### [About this exercise]
Scan the listing for "import" and copy out each line that has it.

>>>>>

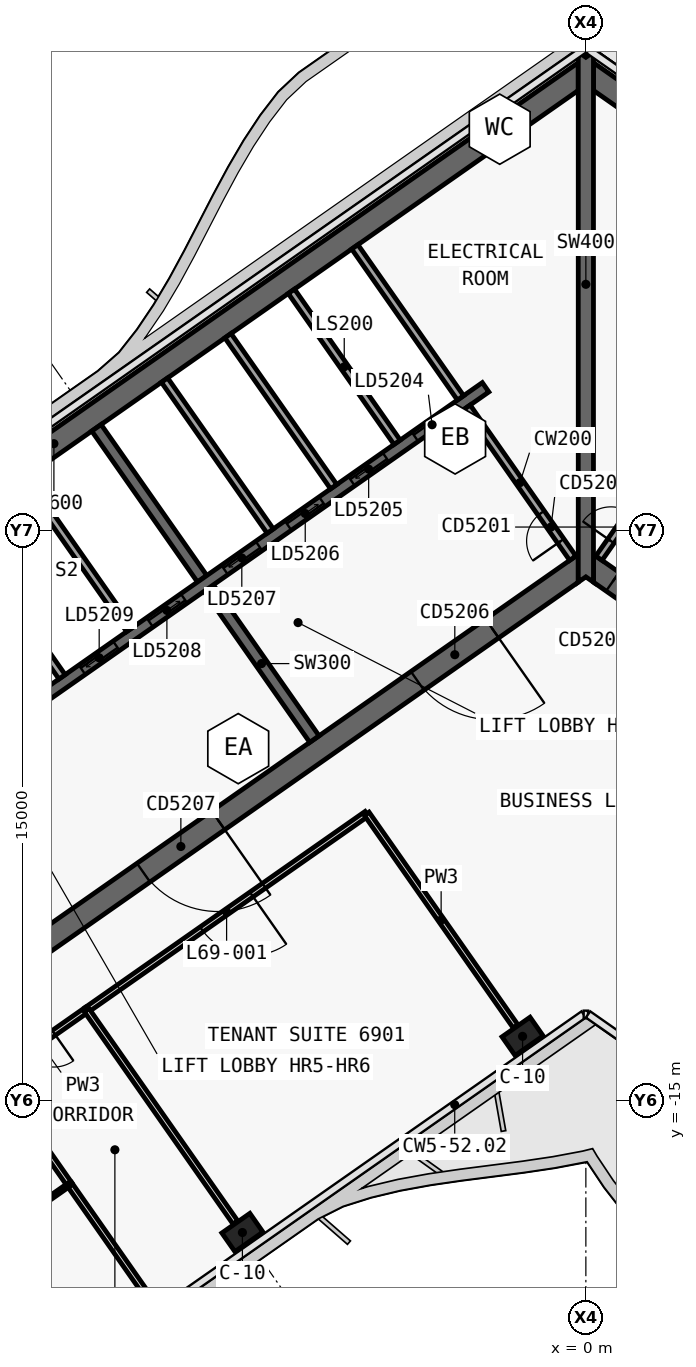
"""IFC4 building model, lengths in metres.
Left out: names, types, materials, properties, quantities, classifications, styles, units other than length and angle.
Written with IfcOpenShell. Run it as: python <this file> out.ifc"""

import sys

from ifc_helpers import new_model, si_unit, direction, frame, frame_2d, origin, origin_2d, place, context, subcontext, project, spatial, polyline, rectangle, outline, extrude, element, fill, save


model = new_model("IFC4")
c1 = context("Model", 3, precision=1e-05, world=origin(), true_north=direction((0.0, 1.0)))
c2 = subcontext(c1, "Body", "Model", "MODEL_VIEW")
j1 = project(units=[si_unit("LENGTHUNIT", "METRE"), si_unit("PLANEANGLEUNIT", "RADIAN")], contexts=[c1])
p1 = place(None, origin())
s1 = spatial("IfcSite", under=j1, at=p1, CompositionType="ELEMENT")
p2 = place(p1, origin())
s2 = spatial("IfcBuilding", under=s1, at=p2, CompositionType="ELEMENT")
p3 = place(p2, frame((0.0, 0.0, 291.7)))
s3 = spatial("IfcBuildingStorey", under=s2, at=p3, CompositionType="ELEMENT", Elevation=291.7)
p4 = place(p3, frame((-0.028, 12.066, 0.0), z_axis=(0.0, 0.0, 1.0), x_axis=(-0.819151382952, -0.573577380837, 0.0)))
e1 = element("IfcWall", 1, at=p4, inside=s3, PredefinedType="SHEAR", context=c2, shape_type="SweptSolid", body=[
    extrude(outline(polyline([(33.898, 0.3), (0.42, 0.3), (0.0, -0.3), (33.898, -0.3), (33.898, 0.3)])), origin(), (0.0, 0.0, 1.0), 3.9),
])
p5 = place(p3, frame((-0.028, -0.874, 0.0), z_axis=(0.0, 0.0, 1.0), x_axis=(-0.819150035022, -0.573579305871, 0.0)))
e2 = element("IfcWall", 2, at=p5, inside=s3, PredefinedType="SHEAR", context=c2, shape_type="SweptSolid", body=[
    extrude(outline(polyline([(26.476, 0.3), (0.42, 0.3), (0.0, -0.3), (26.476, -0.3), (26.476, 0.3)])), origin(), (0.0, 0.0, 1.0), 3.9),
])
p6 = place(p5, frame((2.976, 0.0, 0.0)))
e3 = element("IfcOpeningElement", 3, at=p6, cuts=e2, PredefinedType="OPENING", context=c2, shape_type="SweptSolid", body=[
    extrude(rectangle(XDim=2.4, YDim=2.1, at=frame_2d((1.2, 1.05))), frame((0.0, 0.31, 0.0), z_axis=(0.0, -1.0, 0.0), x_axis=(1.0, 0.0, 0.0)), (0.0, 0.0, 1.0), 0.62),
])
p7 = place(p5, frame((11.776, 0.0, 0.0)))
e4 = element("IfcOpeningElement", 4, at=p7, cuts=e2, PredefinedType="OPENING", context=c2, shape_type="SweptSolid", body=[
    extrude(rectangle(XDim=2.4, YDim=2.1, at=frame_2d((1.2, 1.05))), frame((0.0, 0.31, 0.0), z_axis=(0.0, -1.0, 0.0), x_axis=(1.0, 0.0, 0.0)), (0.0, 0.0, 1.0), 0.62),
])
p8 = place(p3, frame((-7.143, -5.49, 0.0), z_axis=(0.0, 0.0, 1.0), x_axis=(-0.573617744349, 0.819123118565, 0.0)))
e5 = element("IfcWall", 5, at=p8, inside=s3, PredefinedType="SHEAR", context=c2, shape_type="SweptSolid", body=[
    extrude(outline(polyline([(4.85, 0.15), (0.0, 0.15), (0.0, -0.15), (4.85, -0.15), (4.85, 0.15)])), origin(), (0.0, 0.0, 1.0), 3.9),
])
p9 = place(p3, frame((-10.097, -1.271, 0.0), z_axis=(0.0, 0.0, 1.0), x_axis=(-0.573560315113, 0.819163332265, 0.0)))
e6 = element("IfcWall", 6, at=p9, inside=s3, PredefinedType="SHEAR", context=c2, shape_type="SweptSolid", body=[
    extrude(outline(polyline([(4.85, -0.15), (4.85, 0.15), (0.0, 0.15), (0.0, -0.15), (4.85, -0.15)])), origin(), (0.0, 0.0, 1.0), 3.9),
])
p10 = place(p3, frame((-2.638, 3.768, 0.0), z_axis=(0.0, 0.0, 1.0), x_axis=(-0.819155014212, -0.573572194837, 0.0)))
e7 = element("IfcWall", 7, at=p10, inside=s3, PredefinedType="SHEAR", context=c2, shape_type="SweptSolid", body=[
    extrude(outline(polyline([(26.4, 0.15), (0.0, 0.15), (0.0, -0.15), (26.4, -0.15), (26.4, 0.15)])), origin(), (0.0, 0.0, 1.0), 3.9),
])
p11 = place(p10, frame((1.169, 0.0, 0.0)))
e8 = element("IfcOpeningElement", 8, at=p11, cuts=e7, PredefinedType="OPENING", context=c2, shape_type="SweptSolid", body=[
    extrude(rectangle(XDim=1.1, YDim=2.1, at=frame_2d((0.55, 1.05))), frame((0.0, 0.16, 0.0), z_axis=(0.0, -1.0, 0.0), x_axis=(1.0, 0.0, 0.0)), (0.0, 0.0, 1.0), 0.32),
])
p12 = place(p10, frame((3.206, 0.0, 0.0)))
e9 = element("IfcOpeningElement", 9, at=p12, cuts=e7, PredefinedType="OPENING", context=c2, shape_type="SweptSolid", body=[
    extrude(rectangle(XDim=1.1, YDim=2.1, at=frame_2d((0.55, 1.05))), frame((0.0, 0.16, 0.0), z_axis=(0.0, -1.0, 0.0), x_axis=(1.0, 0.0, 0.0)), (0.0, 0.0, 1.0), 0.32),
])
p13 = place(p10, frame((5.244, 0.0, 0.0)))
e10 = element("IfcOpeningElement", 10, at=p13, cuts=e7, PredefinedType="OPENING", context=c2, shape_type="SweptSolid", body=[
    extrude(rectangle(XDim=1.1, YDim=2.1, at=frame_2d((0.55, 1.05))), frame((0.0, 0.16, 0.0), z_axis=(0.0, -1.0, 0.0), x_axis=(1.0, 0.0, 0.0)), (0.0, 0.0, 1.0), 0.32),
])
p14 = place(p10, frame((7.281, 0.0, 0.0)))
e11 = element("IfcOpeningElement", 11, at=p14, cuts=e7, PredefinedType="OPENING", context=c2, shape_type="SweptSolid", body=[
    extrude(rectangle(XDim=1.1, YDim=2.1, at=frame_2d((0.55, 1.05))), frame((0.0, 0.16, 0.0), z_axis=(0.0, -1.0, 0.0), x_axis=(1.0, 0.0, 0.0)), (0.0, 0.0, 1.0), 0.32),
])
p15 = place(p10, frame((9.688, 0.0, 0.0)))
e12 = element("IfcOpeningElement", 12, at=p15, cuts=e7, PredefinedType="OPENING", context=c2, shape_type="SweptSolid", body=[
    extrude(rectangle(XDim=1.1, YDim=2.1, at=frame_2d((0.55, 1.05))), frame((0.0, 0.16, 0.0), z_axis=(0.0, -1.0, 0.0), x_axis=(1.0, 0.0, 0.0)), (0.0, 0.0, 1.0), 0.32),
])
p16 = place(p10, frame((11.863, 0.0, 0.0)))
e13 = element("IfcOpeningElement", 13, at=p16, cuts=e7, PredefinedType="OPENING", context=c2, shape_type="SweptSolid", body=[
    extrude(rectangle(XDim=1.1, YDim=2.1, at=frame_2d((0.55, 1.05))), frame((0.0, 0.16, 0.0), z_axis=(0.0, -1.0, 0.0), x_axis=(1.0, 0.0, 0.0)), (0.0, 0.0, 1.0), 0.32),
])
p17 = place(p10, frame((15.175, 0.0, 0.0)))
e14 = element("IfcOpeningElement", 14, at=p17, cuts=e7, PredefinedType="OPENING", context=c2, shape_type="SweptSolid", body=[
    extrude(rectangle(XDim=1.0, YDim=2.1, at=frame_2d((0.5, 1.05))), frame((0.0, 0.16, 0.0), z_axis=(0.0, -1.0, 0.0), x_axis=(1.0, 0.0, 0.0)), (0.0, 0.0, 1.0), 0.32),
])
p18 = place(p3, frame((0.028, 12.066, 0.0), z_axis=(0.0, 0.0, 1.0), x_axis=(0.819151382952, -0.573577380837, 0.0)))
e15 = element("IfcWall", 15, at=p18, inside=s3, PredefinedType="SHEAR", context=c2, shape_type="SweptSolid", body=[
    extrude(outline(polyline([(33.898, 0.3), (0.0, 0.3), (0.42, -0.3), (33.898, -0.3), (33.898, 0.3)])), origin(), (0.0, 0.0, 1.0), 3.9),
])
p19 = place(p3, frame((0.028, -0.874, 0.0), z_axis=(0.0, 0.0, 1.0), x_axis=(0.819150035022, -0.573579305871, 0.0)))
e16 = element("IfcWall", 16, at=p19, inside=s3, PredefinedType="SHEAR", context=c2, shape_type="SweptSolid", body=[
    extrude(outline(polyline([(26.476, 0.3), (0.0, 0.3), (0.42, -0.3), (26.476, -0.3), (26.476, 0.3)])), origin(), (0.0, 0.0, 1.0), 3.9),
])
p20 = place(p19, frame((0.826, 0.0, 0.0)))
e17 = element("IfcOpeningElement", 17, at=p20, cuts=e16, PredefinedType="OPENING", context=c2, shape_type="SweptSolid", body=[
    extrude(rectangle(XDim=1.5, YDim=2.1, at=frame_2d((0.75, 1.05))), frame((0.0, 0.31, 0.0), z_axis=(0.0, -1.0, 0.0), x_axis=(1.0, 0.0, 0.0)), (0.0, 0.0, 1.0), 0.62),
])
p21 = place(p19, frame((12.226, 0.0, 0.0)))
e18 = element("IfcOpeningElement", 18, at=p21, cuts=e16, PredefinedType="OPENING", context=c2, shape_type="SweptSolid", body=[
    extrude(rectangle(XDim=1.5, YDim=2.1, at=frame_2d((0.75, 1.05))), frame((0.0, 0.31, 0.0), z_axis=(0.0, -1.0, 0.0), x_axis=(1.0, 0.0, 0.0)), (0.0, 0.0, 1.0), 0.62),
])
p22 = place(p3, frame((0.0, -1.361, 0.0), z_axis=(0.0, 0.0, 1.0), x_axis=(0.0, 1.0, 0.0)))
e19 = element("IfcWall", 19, at=p22, inside=s3, PredefinedType="SHEAR", context=c2, shape_type="SweptSolid", body=[
    extrude(outline(polyline([(0.14, 0.2), (0.0, 0.2), (0.14, 0.0), (0.0, -0.2), (0.14, -0.2), (1.012, -0.2), (12.94, -0.2), (13.813, -0.2), (13.893, -0.2), (13.933, -0.172), (13.813, 0.0), (13.933, 0.172), (13.893, 0.2), (13.813, 0.2), (12.94, 0.2), (1.012, 0.2), (0.14, 0.2)])), origin(), (0.0, 0.0, 1.0), 3.9),
])
for number, where, z_axis, x_axis in (
    (20, (-1.665, -13.313, 0.0), (0.0, 0.0, 1.0), (-0.819, -0.574, 0.0)),
    (21, (-9.038, -18.475, 0.0), (0.0, 0.0, 1.0), (-0.819, -0.574, 0.0)),
):
    element("IfcColumn", number, at=place(p3, frame(where, z_axis=z_axis, x_axis=x_axis)), inside=s3, PredefinedType="COLUMN", context=c2, shape_type="SweptSolid", body=[
        extrude(rectangle(XDim=0.9, YDim=0.6, at=origin_2d()), origin(), (0.0, 0.0, 1.0), 3.9),
    ])
p23 = place(p3, frame((-4.967, 2.321, 0.0), z_axis=(0.0, 0.0, 1.0), x_axis=(-0.573594092424, 0.81913968109, 0.0)))
e22 = element("IfcWall", 22, at=p23, inside=s3, PredefinedType="SOLIDWALL", context=c2, shape_type="SweptSolid", body=[
    extrude(rectangle(XDim=4.85, YDim=0.2, at=frame_2d((2.425, 0.0))), origin(), (0.0, 0.0, 1.0), 3.9),
])
p24 = place(p3, frame((-6.636, 1.152, 0.0), z_axis=(0.0, 0.0, 1.0), x_axis=(-0.573560315113, 0.819163332265, 0.0)))
e23 = element("IfcWall", 23, at=p24, inside=s3, PredefinedType="SOLIDWALL", context=c2, shape_type="SweptSolid", body=[
    extrude(rectangle(XDim=4.85, YDim=0.2, at=frame_2d((2.425, 0.0))), origin(), (0.0, 0.0, 1.0), 3.9),
])
p25 = place(p3, frame((-8.305, -0.017, 0.0), z_axis=(0.0, 0.0, 1.0), x_axis=(-0.573594092424, 0.81913968109, 0.0)))
e24 = element("IfcWall", 24, at=p25, inside=s3, PredefinedType="SOLIDWALL", context=c2, shape_type="SweptSolid", body=[
    extrude(rectangle(XDim=4.85, YDim=0.2, at=frame_2d((2.425, 0.0))), origin(), (0.0, 0.0, 1.0), 3.9),
])
p26 = place(p3, frame((-12.001, -2.605, 0.0), z_axis=(0.0, 0.0, 1.0), x_axis=(-0.573560315113, 0.819163332265, 0.0)))
e25 = element("IfcWall", 25, at=p26, inside=s3, PredefinedType="SOLIDWALL", context=c2, shape_type="SweptSolid", body=[
    extrude(rectangle(XDim=4.85, YDim=0.2, at=frame_2d((2.425, 0.0))), origin(), (0.0, 0.0, 1.0), 3.9),
])
p27 = place(p3, frame((-13.783, -3.852, 0.0), z_axis=(0.0, 0.0, 1.0), x_axis=(-0.573594092424, 0.81913968109, 0.0)))
e26 = element("IfcWall", 26, at=p27, inside=s3, PredefinedType="SOLIDWALL", context=c2, shape_type="SweptSolid", body=[
    extrude(rectangle(XDim=4.85, YDim=0.2, at=frame_2d((2.425, 0.0))), origin(), (0.0, 0.0, 1.0), 3.9),
])
p28 = place(p3, frame((-0.344, -0.729, 0.0), z_axis=(0.0, 0.0, 1.0), x_axis=(-0.573560315113, 0.819163332265, 0.0)))
e27 = element("IfcWall", 27, at=p28, inside=s3, PredefinedType="SOLIDWALL", context=c2, shape_type="SweptSolid", body=[
    extrude(rectangle(XDim=4.85, YDim=0.2, at=frame_2d((2.425, 0.0))), origin(), (0.0, 0.0, 1.0), 3.62),
])
p29 = place(p28, frame((0.55, 0.0, 0.0)))
e28 = element("IfcOpeningElement", 28, at=p29, cuts=e27, PredefinedType="OPENING", context=c2, shape_type="SweptSolid", body=[
    extrude(rectangle(XDim=0.9, YDim=2.1, at=frame_2d((0.45, 1.05))), frame((0.0, 0.11, 0.0), z_axis=(0.0, -1.0, 0.0), x_axis=(1.0, 0.0, 0.0)), (0.0, 0.0, 1.0), 0.22),
])
p30 = place(p3, frame((-3.298, 3.49, 0.0), z_axis=(0.0, 0.0, 1.0), x_axis=(-0.573560315113, 0.819163332265, 0.0)))
e29 = element("IfcWall", 29, at=p30, inside=s3, PredefinedType="SOLIDWALL", context=c2, shape_type="SweptSolid", body=[
    extrude(rectangle(XDim=4.85, YDim=0.2, at=frame_2d((2.425, 0.0))), origin(), (0.0, 0.0, 1.0), 3.62),
])
p31 = place(p3, frame((0.344, -0.729, 0.0), z_axis=(0.0, 0.0, 1.0), x_axis=(0.573560315113, 0.819163332265, 0.0)))
e30 = element("IfcWall", 30, at=p31, inside=s3, PredefinedType="SOLIDWALL", context=c2, shape_type="SweptSolid", body=[
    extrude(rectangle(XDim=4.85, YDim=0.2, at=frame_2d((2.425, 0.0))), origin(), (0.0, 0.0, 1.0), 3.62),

<<<<<

### [Your response]
import sys
from ifc_helpers import new_model, si_unit, direction, frame, frame_2d, origin, origin_2d, place, context, subcontext, project, spatial, polyline, rectangle, outline, extrude, element, fill, save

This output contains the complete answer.